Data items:
==================================================
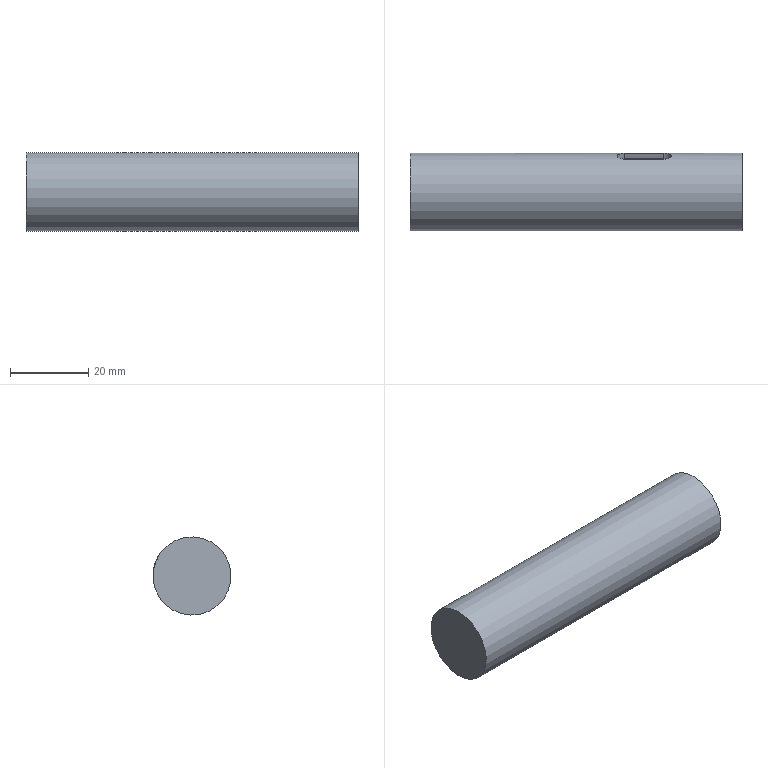Component | NX | CCJ-020 | 1 solid | 8 faces | box 85 x 20 x 20 mm | volume 26623 mm3 | plane 5 | cylinder 3 | commonest cylinder face diameters 4 x2 20 x1
STEP:
#1=CARTESIAN_POINT('',(0.,0.,0.));
#2=DIRECTION('',(0.,0.,1.));
#3=DIRECTION('',(1.,0.,0.));
#4=AXIS2_PLACEMENT_3D('',#1,#2,#3);
#5=CARTESIAN_POINT('',(26.329,34.242,-20.986));
#6=VERTEX_POINT('',#5);
#7=CARTESIAN_POINT('',(26.329,25.,-24.804));
#8=DIRECTION('',(-1.,0.,0.));
#9=DIRECTION('',(0.,0.9242,0.3818));
#10=AXIS2_PLACEMENT_3D('',#7,#8,#9);
#11=CIRCLE('',#10,10.);
#12=CARTESIAN_POINT('',(-58.671,25.,-24.804));
#13=DIRECTION('',(1.,0.,0.));
#14=DIRECTION('',(0.,-0.9242,-0.3818));
#15=AXIS2_PLACEMENT_3D('',#12,#13,#14);
#16=CYLINDRICAL_SURFACE('',#15,10.);
#17=CARTESIAN_POINT('',(9.425,85.));
#18=DIRECTION('',(-1.,0.));
#19=VECTOR('',#18,1.);
#20=LINE('',#17,#19);
#21=(GEOMETRIC_REPRESENTATION_CONTEXT(2)PARAMETRIC_REPRESENTATION_CONTEXT()REPRESENTATION_CONTEXT('',''));
#22=DEFINITIONAL_REPRESENTATION('',(#20),#21);
#23=PCURVE('',#16,#22);
#24=CARTESIAN_POINT('',(26.329,25.,-24.804));
#25=DIRECTION('',(-1.,0.,0.));
#26=DIRECTION('',(0.,0.9242,0.3818));
#27=AXIS2_PLACEMENT_3D('',#24,#25,#26);
#28=PLANE('',#27);
#29=CARTESIAN_POINT('',(0.,0.));
#30=DIRECTION('',(1.,0.));
#31=AXIS2_PLACEMENT_2D('',#29,#30);
#32=CIRCLE('',#31,10.);
#33=(GEOMETRIC_REPRESENTATION_CONTEXT(2)PARAMETRIC_REPRESENTATION_CONTEXT()REPRESENTATION_CONTEXT('',''));
#34=DEFINITIONAL_REPRESENTATION('',(#32),#33);
#35=PCURVE('',#28,#34);
#36=SURFACE_CURVE('',#11,(#23,#35),.PCURVE_S1.);
#37=EDGE_CURVE('',#6,#6,#36,.T.);
#38=ORIENTED_EDGE('',*,*,#37,.T.);
#39=CARTESIAN_POINT('',(8.329,34.242,-20.986));
#40=VERTEX_POINT('',#39);
#41=CARTESIAN_POINT('',(8.329,34.242,-20.986));
#42=CARTESIAN_POINT('',(26.329,34.242,-20.986));
#43=B_SPLINE_CURVE_WITH_KNOTS('',1,(#41,#42),.UNSPECIFIED.,.F.,.F.,(2,2),(67.,85.),.PIECEWISE_BEZIER_KNOTS.);
#44=CARTESIAN_POINT('',(3.142,0.));
#45=DIRECTION('',(0.,1.));
#46=VECTOR('',#45,1.);
#47=LINE('',#44,#46);
#48=(GEOMETRIC_REPRESENTATION_CONTEXT(2)PARAMETRIC_REPRESENTATION_CONTEXT()REPRESENTATION_CONTEXT('',''));
#49=DEFINITIONAL_REPRESENTATION('',(#47),#48);
#50=PCURVE('',#16,#49);
#51=CARTESIAN_POINT('',(9.425,0.));
#52=DIRECTION('',(0.,1.));
#53=VECTOR('',#52,1.);
#54=LINE('',#51,#53);
#55=(GEOMETRIC_REPRESENTATION_CONTEXT(2)PARAMETRIC_REPRESENTATION_CONTEXT()REPRESENTATION_CONTEXT('',''));
#56=DEFINITIONAL_REPRESENTATION('',(#54),#55);
#57=PCURVE('',#16,#56);
#58=SEAM_CURVE('',#43,(#50,#57),.PCURVE_S1.);
#59=EDGE_CURVE('',#40,#6,#58,.T.);
#60=ORIENTED_EDGE('',*,*,#59,.F.);
#61=CARTESIAN_POINT('',(6.329,33.292,-19.214));
#62=VERTEX_POINT('',#61);
#63=CARTESIAN_POINT('',(6.329,33.292,-19.214));
#64=CARTESIAN_POINT('',(6.55,33.292,-19.214));
#65=CARTESIAN_POINT('',(6.775,33.314,-19.246));
#66=CARTESIAN_POINT('',(6.983,33.354,-19.308));
#67=CARTESIAN_POINT('',(7.192,33.394,-19.369));
#68=CARTESIAN_POINT('',(7.391,33.455,-19.462));
#69=CARTESIAN_POINT('',(7.564,33.526,-19.579));
#70=CARTESIAN_POINT('',(7.739,33.599,-19.698));
#71=CARTESIAN_POINT('',(7.893,33.686,-19.846));
#72=CARTESIAN_POINT('',(8.014,33.777,-20.012));
#73=CARTESIAN_POINT('',(8.135,33.868,-20.179));
#74=CARTESIAN_POINT('',(8.225,33.966,-20.37));
#75=CARTESIAN_POINT('',(8.276,34.059,-20.569));
#76=CARTESIAN_POINT('',(8.327,34.151,-20.766));
#77=CARTESIAN_POINT('',(8.341,34.241,-20.976));
#78=CARTESIAN_POINT('',(8.318,34.321,-21.183));
#79=CARTESIAN_POINT('',(8.294,34.4,-21.387));
#80=CARTESIAN_POINT('',(8.234,34.472,-21.592));
#81=CARTESIAN_POINT('',(8.141,34.532,-21.782));
#82=CARTESIAN_POINT('',(8.047,34.593,-21.973));
#83=CARTESIAN_POINT('',(7.919,34.644,-22.154));
#84=CARTESIAN_POINT('',(7.766,34.684,-22.309));
#85=CARTESIAN_POINT('',(7.61,34.724,-22.466));
#86=CARTESIAN_POINT('',(7.424,34.755,-22.601));
#87=CARTESIAN_POINT('',(7.224,34.776,-22.7));
#88=CARTESIAN_POINT('',(7.023,34.798,-22.8));
#89=CARTESIAN_POINT('',(6.801,34.811,-22.868));
#90=CARTESIAN_POINT('',(6.577,34.816,-22.896));
#91=CARTESIAN_POINT('',(6.495,34.818,-22.906));
#92=CARTESIAN_POINT('',(6.412,34.819,-22.911));
#93=CARTESIAN_POINT('',(6.329,34.819,-22.911));
#94=B_SPLINE_CURVE_WITH_KNOTS('',3,(#63,#64,#65,#66,#67,#68,#69,#70,#71,#72,#73,#74,#75,#76,#77,#78,#79,#80,#81,#82,#83,#84,#85,#86,#87,#88,#89,#90,#91,#92,#93),.UNSPECIFIED.,.F.,.F.,(4,3,3,3,3,3,3,3,3,3,4),(0.,0.106,0.2118,0.319,0.4272,0.534,0.6392,0.745,0.8528,0.9608,1.),.UNSPECIFIED.);
#95=CARTESIAN_POINT('',(3.343,65.));
#96=CARTESIAN_POINT('',(3.343,65.047));
#97=CARTESIAN_POINT('',(3.343,65.143));
#98=CARTESIAN_POINT('',(3.341,65.285));
#99=CARTESIAN_POINT('',(3.338,65.427));
#100=CARTESIAN_POINT('',(3.335,65.565));
#101=CARTESIAN_POINT('',(3.33,65.7));
#102=CARTESIAN_POINT('',(3.325,65.832));
#103=CARTESIAN_POINT('',(3.318,65.96));
#104=CARTESIAN_POINT('',(3.311,66.083));
#105=CARTESIAN_POINT('',(3.302,66.2));
#106=CARTESIAN_POINT('',(3.293,66.31));
#107=CARTESIAN_POINT('',(3.284,66.415));
#108=CARTESIAN_POINT('',(3.273,66.512));
#109=CARTESIAN_POINT('',(3.262,66.602));
#110=CARTESIAN_POINT('',(3.25,66.683));
#111=CARTESIAN_POINT('',(3.238,66.756));
#112=CARTESIAN_POINT('',(3.225,66.82));
#113=CARTESIAN_POINT('',(3.212,66.875));
#114=CARTESIAN_POINT('',(3.198,66.92));
#115=CARTESIAN_POINT('',(3.184,66.956));
#116=CARTESIAN_POINT('',(3.17,66.981));
#117=CARTESIAN_POINT('',(3.156,66.996));
#118=CARTESIAN_POINT('',(3.142,67.002));
#119=CARTESIAN_POINT('',(3.127,66.997));
#120=CARTESIAN_POINT('',(3.113,66.981));
#121=CARTESIAN_POINT('',(3.099,66.956));
#122=CARTESIAN_POINT('',(3.085,66.92));
#123=CARTESIAN_POINT('',(3.072,66.875));
#124=CARTESIAN_POINT('',(3.058,66.821));
#125=CARTESIAN_POINT('',(3.046,66.757));
#126=CARTESIAN_POINT('',(3.033,66.684));
#127=CARTESIAN_POINT('',(3.021,66.603));
#128=CARTESIAN_POINT('',(3.01,66.513));
#129=CARTESIAN_POINT('',(3.,66.416));
#130=CARTESIAN_POINT('',(2.99,66.312));
#131=CARTESIAN_POINT('',(2.981,66.201));
#132=CARTESIAN_POINT('',(2.973,66.084));
#133=CARTESIAN_POINT('',(2.965,65.961));
#134=CARTESIAN_POINT('',(2.959,65.834));
#135=CARTESIAN_POINT('',(2.953,65.703));
#136=CARTESIAN_POINT('',(2.948,65.567));
#137=CARTESIAN_POINT('',(2.945,65.428));
#138=CARTESIAN_POINT('',(2.942,65.288));
#139=CARTESIAN_POINT('',(2.941,65.144));
#140=CARTESIAN_POINT('',(2.94,65.048));
#141=CARTESIAN_POINT('',(2.94,65.));
#142=B_SPLINE_CURVE_WITH_KNOTS('',3,(#95,#96,#97,#98,#99,#100,#101,#102,#103,#104,#105,#106,#107,#108,#109,#110,#111,#112,#113,#114,#115,#116,#117,#118,#119,#120,#121,#122,#123,#124,#125,#126,#127,#128,#129,#130,#131,#132,#133,#134,#135,#136,#137,#138,#139,#140,#141),.UNSPECIFIED.,.F.,.F.,(4,1,1,1,1,1,1,1,1,1,1,1,1,1,1,1,1,1,1,1,1,1,1,1,1,1,1,1,1,1,1,1,1,1,1,1,1,1,1,1,1,1,1,1,4),(0.,0.02273,0.04545,0.06818,0.09091,0.1136,0.1364,0.1591,0.1818,0.2045,0.2273,0.25,0.2727,0.2955,0.3182,0.3409,0.3636,0.3864,0.4091,0.4318,0.4545,0.4773,0.5,0.5227,0.5455,0.5682,0.5909,0.6136,0.6364,0.6591,0.6818,0.7045,0.7273,0.75,0.7727,0.7955,0.8182,0.8409,0.8636,0.8864,0.9091,0.9318,0.9545,0.9773,1.),.QUASI_UNIFORM_KNOTS.);
#143=(GEOMETRIC_REPRESENTATION_CONTEXT(2)PARAMETRIC_REPRESENTATION_CONTEXT()REPRESENTATION_CONTEXT('',''));
#144=DEFINITIONAL_REPRESENTATION('',(#142),#143);
#145=PCURVE('',#16,#144);
#146=CARTESIAN_POINT('',(6.329,38.863,-19.077));
#147=DIRECTION('',(0.,-0.9242,-0.3818));
#148=DIRECTION('',(-1.,0.,0.));
#149=AXIS2_PLACEMENT_3D('',#146,#147,#148);
#150=CYLINDRICAL_SURFACE('',#149,2.);
#151=CARTESIAN_POINT('',(4.712,5.202));
#152=CARTESIAN_POINT('',(3.142,5.));
#153=B_SPLINE_CURVE_WITH_KNOTS('',1,(#151,#152),.UNSPECIFIED.,.F.,.F.,(2,2),(0.,0.5001),.PIECEWISE_BEZIER_KNOTS.);
#154=(GEOMETRIC_REPRESENTATION_CONTEXT(2)PARAMETRIC_REPRESENTATION_CONTEXT()REPRESENTATION_CONTEXT('',''));
#155=DEFINITIONAL_REPRESENTATION('',(#153),#154);
#156=PCURVE('',#150,#155);
#157=SURFACE_CURVE('',#94,(#145,#156),.PCURVE_S1.);
#158=EDGE_CURVE('',#62,#40,#157,.T.);
#159=ORIENTED_EDGE('',*,*,#158,.F.);
#160=CARTESIAN_POINT('',(-3.671,33.292,-19.214));
#161=VERTEX_POINT('',#160);
#162=CARTESIAN_POINT('',(-58.671,33.292,-19.214));
#163=DIRECTION('',(1.,0.,0.));
#164=VECTOR('',#163,1.);
#165=LINE('',#162,#164);
#166=CARTESIAN_POINT('',(3.343,0.));
#167=DIRECTION('',(0.,1.));
#168=VECTOR('',#167,1.);
#169=LINE('',#166,#168);
#170=(GEOMETRIC_REPRESENTATION_CONTEXT(2)PARAMETRIC_REPRESENTATION_CONTEXT()REPRESENTATION_CONTEXT('',''));
#171=DEFINITIONAL_REPRESENTATION('',(#169),#170);
#172=PCURVE('',#16,#171);
#173=CARTESIAN_POINT('',(-3.671,38.1,-17.228));
#174=DIRECTION('',(0.,0.3818,-0.9242));
#175=DIRECTION('',(-1.,0.,0.));
#176=AXIS2_PLACEMENT_3D('',#173,#174,#175);
#177=PLANE('',#176);
#178=CARTESIAN_POINT('',(55.,-5.202));
#179=DIRECTION('',(-1.,0.));
#180=VECTOR('',#179,1.);
#181=LINE('',#178,#180);
#182=(GEOMETRIC_REPRESENTATION_CONTEXT(2)PARAMETRIC_REPRESENTATION_CONTEXT()REPRESENTATION_CONTEXT('',''));
#183=DEFINITIONAL_REPRESENTATION('',(#181),#182);
#184=PCURVE('',#177,#183);
#185=SURFACE_CURVE('',#165,(#172,#184),.PCURVE_S1.);
#186=EDGE_CURVE('',#161,#62,#185,.T.);
#187=ORIENTED_EDGE('',*,*,#186,.F.);
#188=CARTESIAN_POINT('',(-5.671,34.242,-20.986));
#189=VERTEX_POINT('',#188);
#190=CARTESIAN_POINT('',(-3.671,34.819,-22.911));
#191=CARTESIAN_POINT('',(-3.892,34.819,-22.911));
#192=CARTESIAN_POINT('',(-4.117,34.812,-22.873));
#193=CARTESIAN_POINT('',(-4.326,34.797,-22.801));
#194=CARTESIAN_POINT('',(-4.534,34.783,-22.729));
#195=CARTESIAN_POINT('',(-4.733,34.76,-22.621));
#196=CARTESIAN_POINT('',(-4.906,34.728,-22.487));
#197=CARTESIAN_POINT('',(-5.082,34.696,-22.352));
#198=CARTESIAN_POINT('',(-5.236,34.653,-22.186));
#199=CARTESIAN_POINT('',(-5.356,34.6,-22.004));
#200=CARTESIAN_POINT('',(-5.477,34.547,-21.821));
#201=CARTESIAN_POINT('',(-5.567,34.481,-21.617));
#202=CARTESIAN_POINT('',(-5.619,34.406,-21.41));
#203=CARTESIAN_POINT('',(-5.669,34.333,-21.206));
#204=CARTESIAN_POINT('',(-5.683,34.248,-20.993));
#205=CARTESIAN_POINT('',(-5.66,34.159,-20.79));
#206=CARTESIAN_POINT('',(-5.636,34.071,-20.59));
#207=CARTESIAN_POINT('',(-5.576,33.977,-20.394));
#208=CARTESIAN_POINT('',(-5.483,33.886,-20.217));
#209=CARTESIAN_POINT('',(-5.39,33.794,-20.039));
#210=CARTESIAN_POINT('',(-5.261,33.702,-19.875));
#211=CARTESIAN_POINT('',(-5.108,33.621,-19.737));
#212=CARTESIAN_POINT('',(-4.952,33.539,-19.597));
#213=CARTESIAN_POINT('',(-4.767,33.465,-19.48));
#214=CARTESIAN_POINT('',(-4.566,33.41,-19.394));
#215=CARTESIAN_POINT('',(-4.365,33.355,-19.308));
#216=CARTESIAN_POINT('',(-4.143,33.317,-19.251));
#217=CARTESIAN_POINT('',(-3.92,33.301,-19.228));
#218=CARTESIAN_POINT('',(-3.837,33.295,-19.219));
#219=CARTESIAN_POINT('',(-3.754,33.292,-19.214));
#220=CARTESIAN_POINT('',(-3.671,33.292,-19.214));
#221=B_SPLINE_CURVE_WITH_KNOTS('',3,(#190,#191,#192,#193,#194,#195,#196,#197,#198,#199,#200,#201,#202,#203,#204,#205,#206,#207,#208,#209,#210,#211,#212,#213,#214,#215,#216,#217,#218,#219,#220),.UNSPECIFIED.,.F.,.F.,(4,3,3,3,3,3,3,3,3,3,4),(0.,0.106,0.2118,0.319,0.4272,0.534,0.6392,0.745,0.8528,0.9608,1.),.UNSPECIFIED.);
#222=CARTESIAN_POINT('',(2.94,55.));
#223=CARTESIAN_POINT('',(2.94,54.953));
#224=CARTESIAN_POINT('',(2.941,54.857));
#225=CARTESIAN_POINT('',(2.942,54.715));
==================================================
◆ **Task brief**: Your answer should be the lines above, from the line containing "#103=CARTESIAN_POINT('',(3.318,65.96));" up to and including the line containing "#118=CARTESIAN_POINT('',(3.142,67.002));", reproduced exactly and with nothing else.

◆ **Answer**:
#103=CARTESIAN_POINT('',(3.318,65.96));
#104=CARTESIAN_POINT('',(3.311,66.083));
#105=CARTESIAN_POINT('',(3.302,66.2));
#106=CARTESIAN_POINT('',(3.293,66.31));
#107=CARTESIAN_POINT('',(3.284,66.415));
#108=CARTESIAN_POINT('',(3.273,66.512));
#109=CARTESIAN_POINT('',(3.262,66.602));
#110=CARTESIAN_POINT('',(3.25,66.683));
#111=CARTESIAN_POINT('',(3.238,66.756));
#112=CARTESIAN_POINT('',(3.225,66.82));
#113=CARTESIAN_POINT('',(3.212,66.875));
#114=CARTESIAN_POINT('',(3.198,66.92));
#115=CARTESIAN_POINT('',(3.184,66.956));
#116=CARTESIAN_POINT('',(3.17,66.981));
#117=CARTESIAN_POINT('',(3.156,66.996));
#118=CARTESIAN_POINT('',(3.142,67.002));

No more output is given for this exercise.